Where does the string "project" appear in the records? Copy every line that contains it.

====== Information

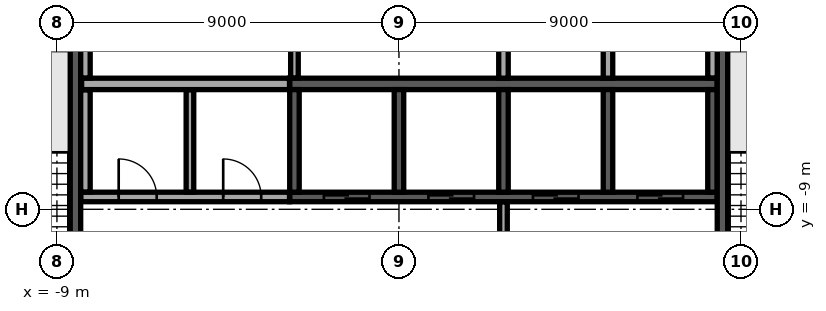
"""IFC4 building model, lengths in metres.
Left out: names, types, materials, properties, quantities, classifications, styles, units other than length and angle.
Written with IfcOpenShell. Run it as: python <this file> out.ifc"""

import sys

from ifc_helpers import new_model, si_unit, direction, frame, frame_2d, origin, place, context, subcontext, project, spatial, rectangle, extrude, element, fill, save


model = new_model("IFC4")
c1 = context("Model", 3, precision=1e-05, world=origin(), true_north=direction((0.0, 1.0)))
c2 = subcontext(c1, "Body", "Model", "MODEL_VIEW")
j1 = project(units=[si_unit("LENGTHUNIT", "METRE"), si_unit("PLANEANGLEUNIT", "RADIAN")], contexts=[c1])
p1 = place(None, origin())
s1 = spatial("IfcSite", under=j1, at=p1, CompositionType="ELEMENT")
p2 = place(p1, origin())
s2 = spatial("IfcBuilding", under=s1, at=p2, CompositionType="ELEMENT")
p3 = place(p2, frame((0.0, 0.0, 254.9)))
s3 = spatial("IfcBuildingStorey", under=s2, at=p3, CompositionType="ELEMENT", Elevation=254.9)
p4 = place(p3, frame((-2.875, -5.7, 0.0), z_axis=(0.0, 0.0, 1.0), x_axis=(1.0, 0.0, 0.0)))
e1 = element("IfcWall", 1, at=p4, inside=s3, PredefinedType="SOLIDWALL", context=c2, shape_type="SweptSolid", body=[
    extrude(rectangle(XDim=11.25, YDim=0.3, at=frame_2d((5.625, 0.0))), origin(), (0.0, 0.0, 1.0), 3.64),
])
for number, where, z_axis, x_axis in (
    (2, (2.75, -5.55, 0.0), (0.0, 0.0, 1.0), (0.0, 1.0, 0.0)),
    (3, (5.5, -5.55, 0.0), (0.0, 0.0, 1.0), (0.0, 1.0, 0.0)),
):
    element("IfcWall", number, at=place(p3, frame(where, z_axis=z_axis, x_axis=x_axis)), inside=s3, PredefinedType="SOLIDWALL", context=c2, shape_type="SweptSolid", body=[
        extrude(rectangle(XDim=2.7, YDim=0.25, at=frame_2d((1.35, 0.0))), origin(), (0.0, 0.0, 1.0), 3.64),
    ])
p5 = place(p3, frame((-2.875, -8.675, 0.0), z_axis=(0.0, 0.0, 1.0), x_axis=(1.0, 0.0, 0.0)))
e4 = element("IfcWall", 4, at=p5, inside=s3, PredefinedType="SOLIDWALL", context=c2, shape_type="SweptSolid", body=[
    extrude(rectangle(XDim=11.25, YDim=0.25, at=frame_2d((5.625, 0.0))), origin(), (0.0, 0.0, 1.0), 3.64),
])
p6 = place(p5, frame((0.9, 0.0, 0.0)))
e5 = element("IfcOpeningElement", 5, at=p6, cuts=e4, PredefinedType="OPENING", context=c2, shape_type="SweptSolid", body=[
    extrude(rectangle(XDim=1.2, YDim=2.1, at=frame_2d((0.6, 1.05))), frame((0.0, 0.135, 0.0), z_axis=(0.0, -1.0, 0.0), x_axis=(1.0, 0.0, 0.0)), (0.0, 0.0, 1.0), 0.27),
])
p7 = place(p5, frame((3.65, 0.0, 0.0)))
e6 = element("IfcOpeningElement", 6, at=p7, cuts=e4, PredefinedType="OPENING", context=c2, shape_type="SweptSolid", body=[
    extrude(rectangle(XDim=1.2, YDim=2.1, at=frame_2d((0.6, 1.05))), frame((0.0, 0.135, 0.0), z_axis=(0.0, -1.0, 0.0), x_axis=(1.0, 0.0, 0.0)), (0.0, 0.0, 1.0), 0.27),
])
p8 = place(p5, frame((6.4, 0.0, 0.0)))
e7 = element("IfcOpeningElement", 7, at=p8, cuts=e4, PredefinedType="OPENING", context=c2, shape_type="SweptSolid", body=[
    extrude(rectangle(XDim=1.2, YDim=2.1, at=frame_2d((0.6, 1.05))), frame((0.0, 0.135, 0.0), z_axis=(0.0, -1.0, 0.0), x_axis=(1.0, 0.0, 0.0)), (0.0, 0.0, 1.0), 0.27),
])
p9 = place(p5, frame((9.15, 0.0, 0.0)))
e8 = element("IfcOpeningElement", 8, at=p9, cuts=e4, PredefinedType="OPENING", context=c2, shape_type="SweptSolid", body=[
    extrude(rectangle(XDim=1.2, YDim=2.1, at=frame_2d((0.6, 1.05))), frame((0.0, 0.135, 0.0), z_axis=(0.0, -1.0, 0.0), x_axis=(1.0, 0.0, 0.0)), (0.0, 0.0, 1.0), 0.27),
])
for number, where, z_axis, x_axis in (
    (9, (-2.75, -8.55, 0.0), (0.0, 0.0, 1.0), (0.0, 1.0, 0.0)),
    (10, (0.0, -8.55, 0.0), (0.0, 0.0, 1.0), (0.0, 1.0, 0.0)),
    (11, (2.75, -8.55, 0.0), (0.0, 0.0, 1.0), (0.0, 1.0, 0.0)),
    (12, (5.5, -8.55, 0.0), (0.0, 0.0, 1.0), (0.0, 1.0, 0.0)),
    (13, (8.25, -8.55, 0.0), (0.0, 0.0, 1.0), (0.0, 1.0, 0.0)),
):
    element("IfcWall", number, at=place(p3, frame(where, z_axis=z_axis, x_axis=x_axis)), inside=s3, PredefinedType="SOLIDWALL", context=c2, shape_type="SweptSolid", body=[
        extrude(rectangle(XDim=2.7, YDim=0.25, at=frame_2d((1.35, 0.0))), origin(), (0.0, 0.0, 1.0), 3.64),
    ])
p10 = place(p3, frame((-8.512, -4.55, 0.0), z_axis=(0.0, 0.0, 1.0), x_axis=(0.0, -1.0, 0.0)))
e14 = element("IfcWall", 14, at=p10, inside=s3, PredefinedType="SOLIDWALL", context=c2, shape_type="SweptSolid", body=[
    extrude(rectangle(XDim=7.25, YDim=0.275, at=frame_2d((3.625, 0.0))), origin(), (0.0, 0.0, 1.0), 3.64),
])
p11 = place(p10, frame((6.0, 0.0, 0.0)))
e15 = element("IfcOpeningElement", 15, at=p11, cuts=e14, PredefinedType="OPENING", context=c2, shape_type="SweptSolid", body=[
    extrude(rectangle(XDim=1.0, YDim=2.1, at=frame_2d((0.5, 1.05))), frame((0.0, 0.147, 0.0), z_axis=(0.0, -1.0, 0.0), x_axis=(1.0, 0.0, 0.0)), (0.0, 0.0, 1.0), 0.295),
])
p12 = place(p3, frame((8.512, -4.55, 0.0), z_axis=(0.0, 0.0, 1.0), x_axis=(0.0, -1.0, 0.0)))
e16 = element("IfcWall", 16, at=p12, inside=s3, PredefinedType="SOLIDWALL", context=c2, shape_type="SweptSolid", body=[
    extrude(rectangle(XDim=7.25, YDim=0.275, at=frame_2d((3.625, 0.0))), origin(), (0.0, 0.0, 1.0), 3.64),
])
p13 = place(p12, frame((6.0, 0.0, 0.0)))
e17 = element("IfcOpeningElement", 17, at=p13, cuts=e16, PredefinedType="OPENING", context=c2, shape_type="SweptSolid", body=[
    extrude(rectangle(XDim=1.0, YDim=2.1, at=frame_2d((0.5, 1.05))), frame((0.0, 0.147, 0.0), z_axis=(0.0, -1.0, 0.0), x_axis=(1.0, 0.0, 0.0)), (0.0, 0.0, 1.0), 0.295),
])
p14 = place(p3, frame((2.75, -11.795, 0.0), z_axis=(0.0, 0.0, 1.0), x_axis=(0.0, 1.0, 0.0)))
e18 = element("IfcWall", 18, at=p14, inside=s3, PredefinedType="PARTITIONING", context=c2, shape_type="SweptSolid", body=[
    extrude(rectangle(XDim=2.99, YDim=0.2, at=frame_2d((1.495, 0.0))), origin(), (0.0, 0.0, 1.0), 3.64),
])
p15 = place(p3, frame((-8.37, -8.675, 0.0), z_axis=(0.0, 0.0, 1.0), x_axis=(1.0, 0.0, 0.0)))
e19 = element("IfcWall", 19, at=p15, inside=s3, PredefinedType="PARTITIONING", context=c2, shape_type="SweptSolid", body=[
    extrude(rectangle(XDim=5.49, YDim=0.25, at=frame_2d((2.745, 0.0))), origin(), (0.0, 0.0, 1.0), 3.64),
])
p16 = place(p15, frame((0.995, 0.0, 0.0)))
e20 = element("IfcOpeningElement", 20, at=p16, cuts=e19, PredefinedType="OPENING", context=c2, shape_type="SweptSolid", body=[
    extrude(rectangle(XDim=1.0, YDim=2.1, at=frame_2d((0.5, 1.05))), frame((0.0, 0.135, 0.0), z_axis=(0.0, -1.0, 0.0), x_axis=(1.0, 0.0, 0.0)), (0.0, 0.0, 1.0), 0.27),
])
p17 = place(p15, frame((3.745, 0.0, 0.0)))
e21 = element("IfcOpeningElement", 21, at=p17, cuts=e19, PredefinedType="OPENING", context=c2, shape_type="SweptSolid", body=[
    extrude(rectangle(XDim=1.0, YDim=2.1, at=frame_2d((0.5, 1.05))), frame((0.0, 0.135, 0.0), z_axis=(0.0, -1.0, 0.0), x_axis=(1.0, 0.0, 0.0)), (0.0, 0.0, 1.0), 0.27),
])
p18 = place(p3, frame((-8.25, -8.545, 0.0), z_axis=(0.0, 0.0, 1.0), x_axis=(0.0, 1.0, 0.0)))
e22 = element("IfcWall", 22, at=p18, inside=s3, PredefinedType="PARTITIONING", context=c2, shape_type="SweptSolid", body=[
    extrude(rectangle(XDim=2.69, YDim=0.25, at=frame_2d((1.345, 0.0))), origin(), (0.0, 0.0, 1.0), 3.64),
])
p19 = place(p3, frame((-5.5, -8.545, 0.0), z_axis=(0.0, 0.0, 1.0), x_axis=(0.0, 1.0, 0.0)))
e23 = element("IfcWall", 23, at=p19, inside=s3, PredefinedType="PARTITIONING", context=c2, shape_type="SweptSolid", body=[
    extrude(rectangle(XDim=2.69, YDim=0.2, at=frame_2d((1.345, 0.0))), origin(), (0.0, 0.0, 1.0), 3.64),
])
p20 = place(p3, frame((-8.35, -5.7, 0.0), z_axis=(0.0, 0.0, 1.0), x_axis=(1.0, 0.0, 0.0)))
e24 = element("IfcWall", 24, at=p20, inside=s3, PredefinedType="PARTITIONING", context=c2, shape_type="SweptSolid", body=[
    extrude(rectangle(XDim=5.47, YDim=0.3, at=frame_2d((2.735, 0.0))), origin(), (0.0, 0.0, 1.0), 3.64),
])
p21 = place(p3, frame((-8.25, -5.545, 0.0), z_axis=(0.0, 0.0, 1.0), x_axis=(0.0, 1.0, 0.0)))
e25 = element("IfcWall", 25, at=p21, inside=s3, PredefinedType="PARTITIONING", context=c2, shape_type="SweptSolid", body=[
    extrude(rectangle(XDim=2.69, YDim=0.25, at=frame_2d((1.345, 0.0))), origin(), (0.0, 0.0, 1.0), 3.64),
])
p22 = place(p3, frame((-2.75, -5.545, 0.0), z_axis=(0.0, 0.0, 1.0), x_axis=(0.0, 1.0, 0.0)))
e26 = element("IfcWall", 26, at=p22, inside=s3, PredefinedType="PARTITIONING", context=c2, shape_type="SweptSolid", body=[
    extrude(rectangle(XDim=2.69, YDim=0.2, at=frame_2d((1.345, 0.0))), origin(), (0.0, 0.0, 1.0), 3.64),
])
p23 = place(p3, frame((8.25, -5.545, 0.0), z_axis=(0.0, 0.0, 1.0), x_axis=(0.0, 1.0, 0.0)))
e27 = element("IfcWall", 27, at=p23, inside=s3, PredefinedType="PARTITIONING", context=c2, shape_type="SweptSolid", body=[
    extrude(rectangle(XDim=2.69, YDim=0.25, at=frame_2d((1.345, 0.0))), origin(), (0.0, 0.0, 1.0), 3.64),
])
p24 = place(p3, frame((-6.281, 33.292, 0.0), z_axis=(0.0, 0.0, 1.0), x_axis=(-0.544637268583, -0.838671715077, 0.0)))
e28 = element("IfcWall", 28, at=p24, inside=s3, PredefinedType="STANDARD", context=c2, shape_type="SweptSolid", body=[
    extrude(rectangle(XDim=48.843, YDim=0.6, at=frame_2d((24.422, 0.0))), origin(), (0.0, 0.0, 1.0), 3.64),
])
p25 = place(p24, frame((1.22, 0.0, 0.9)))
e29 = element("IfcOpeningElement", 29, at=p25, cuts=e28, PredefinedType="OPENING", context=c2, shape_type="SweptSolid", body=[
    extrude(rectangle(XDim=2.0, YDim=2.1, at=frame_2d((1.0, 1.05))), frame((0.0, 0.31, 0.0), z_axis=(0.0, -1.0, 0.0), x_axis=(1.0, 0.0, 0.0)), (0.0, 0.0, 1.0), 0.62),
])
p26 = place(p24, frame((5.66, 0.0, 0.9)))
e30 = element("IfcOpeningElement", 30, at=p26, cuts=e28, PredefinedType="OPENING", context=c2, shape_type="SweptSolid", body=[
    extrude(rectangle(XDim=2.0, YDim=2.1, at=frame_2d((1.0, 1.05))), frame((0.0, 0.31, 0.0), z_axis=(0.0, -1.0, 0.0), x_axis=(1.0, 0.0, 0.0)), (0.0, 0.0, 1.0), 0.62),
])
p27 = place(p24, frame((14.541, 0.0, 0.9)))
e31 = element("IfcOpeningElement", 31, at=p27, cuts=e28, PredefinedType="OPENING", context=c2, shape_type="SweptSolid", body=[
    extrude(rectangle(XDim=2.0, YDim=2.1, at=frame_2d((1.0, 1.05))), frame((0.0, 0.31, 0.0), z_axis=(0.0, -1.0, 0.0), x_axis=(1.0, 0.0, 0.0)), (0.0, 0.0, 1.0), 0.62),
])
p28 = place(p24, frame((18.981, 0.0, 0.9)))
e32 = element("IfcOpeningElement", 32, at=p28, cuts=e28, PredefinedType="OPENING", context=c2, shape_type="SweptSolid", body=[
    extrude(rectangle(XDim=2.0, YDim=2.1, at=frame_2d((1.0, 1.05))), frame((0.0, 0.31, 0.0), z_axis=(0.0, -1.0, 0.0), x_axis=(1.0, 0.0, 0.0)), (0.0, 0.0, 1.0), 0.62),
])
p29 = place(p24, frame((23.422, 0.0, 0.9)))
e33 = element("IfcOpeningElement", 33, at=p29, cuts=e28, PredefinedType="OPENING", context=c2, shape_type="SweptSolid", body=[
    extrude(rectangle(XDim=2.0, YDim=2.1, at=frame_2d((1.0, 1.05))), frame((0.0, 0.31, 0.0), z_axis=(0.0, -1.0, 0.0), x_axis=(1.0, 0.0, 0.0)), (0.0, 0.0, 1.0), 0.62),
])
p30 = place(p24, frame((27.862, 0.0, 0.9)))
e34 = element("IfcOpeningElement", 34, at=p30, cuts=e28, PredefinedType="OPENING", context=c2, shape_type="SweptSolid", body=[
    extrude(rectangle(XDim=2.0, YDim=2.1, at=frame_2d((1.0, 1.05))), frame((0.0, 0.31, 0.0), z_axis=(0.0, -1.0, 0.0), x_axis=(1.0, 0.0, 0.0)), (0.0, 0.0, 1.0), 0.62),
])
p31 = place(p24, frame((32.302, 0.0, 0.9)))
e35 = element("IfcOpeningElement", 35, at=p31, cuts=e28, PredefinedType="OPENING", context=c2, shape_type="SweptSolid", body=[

============

Answer to this task:
from ifc_helpers import new_model, si_unit, direction, frame, frame_2d, origin, place, context, subcontext, project, spatial, rectangle, extrude, element, fill, save
j1 = project(units=[si_unit("LENGTHUNIT", "METRE"), si_unit("PLANEANGLEUNIT", "RADIAN")], contexts=[c1])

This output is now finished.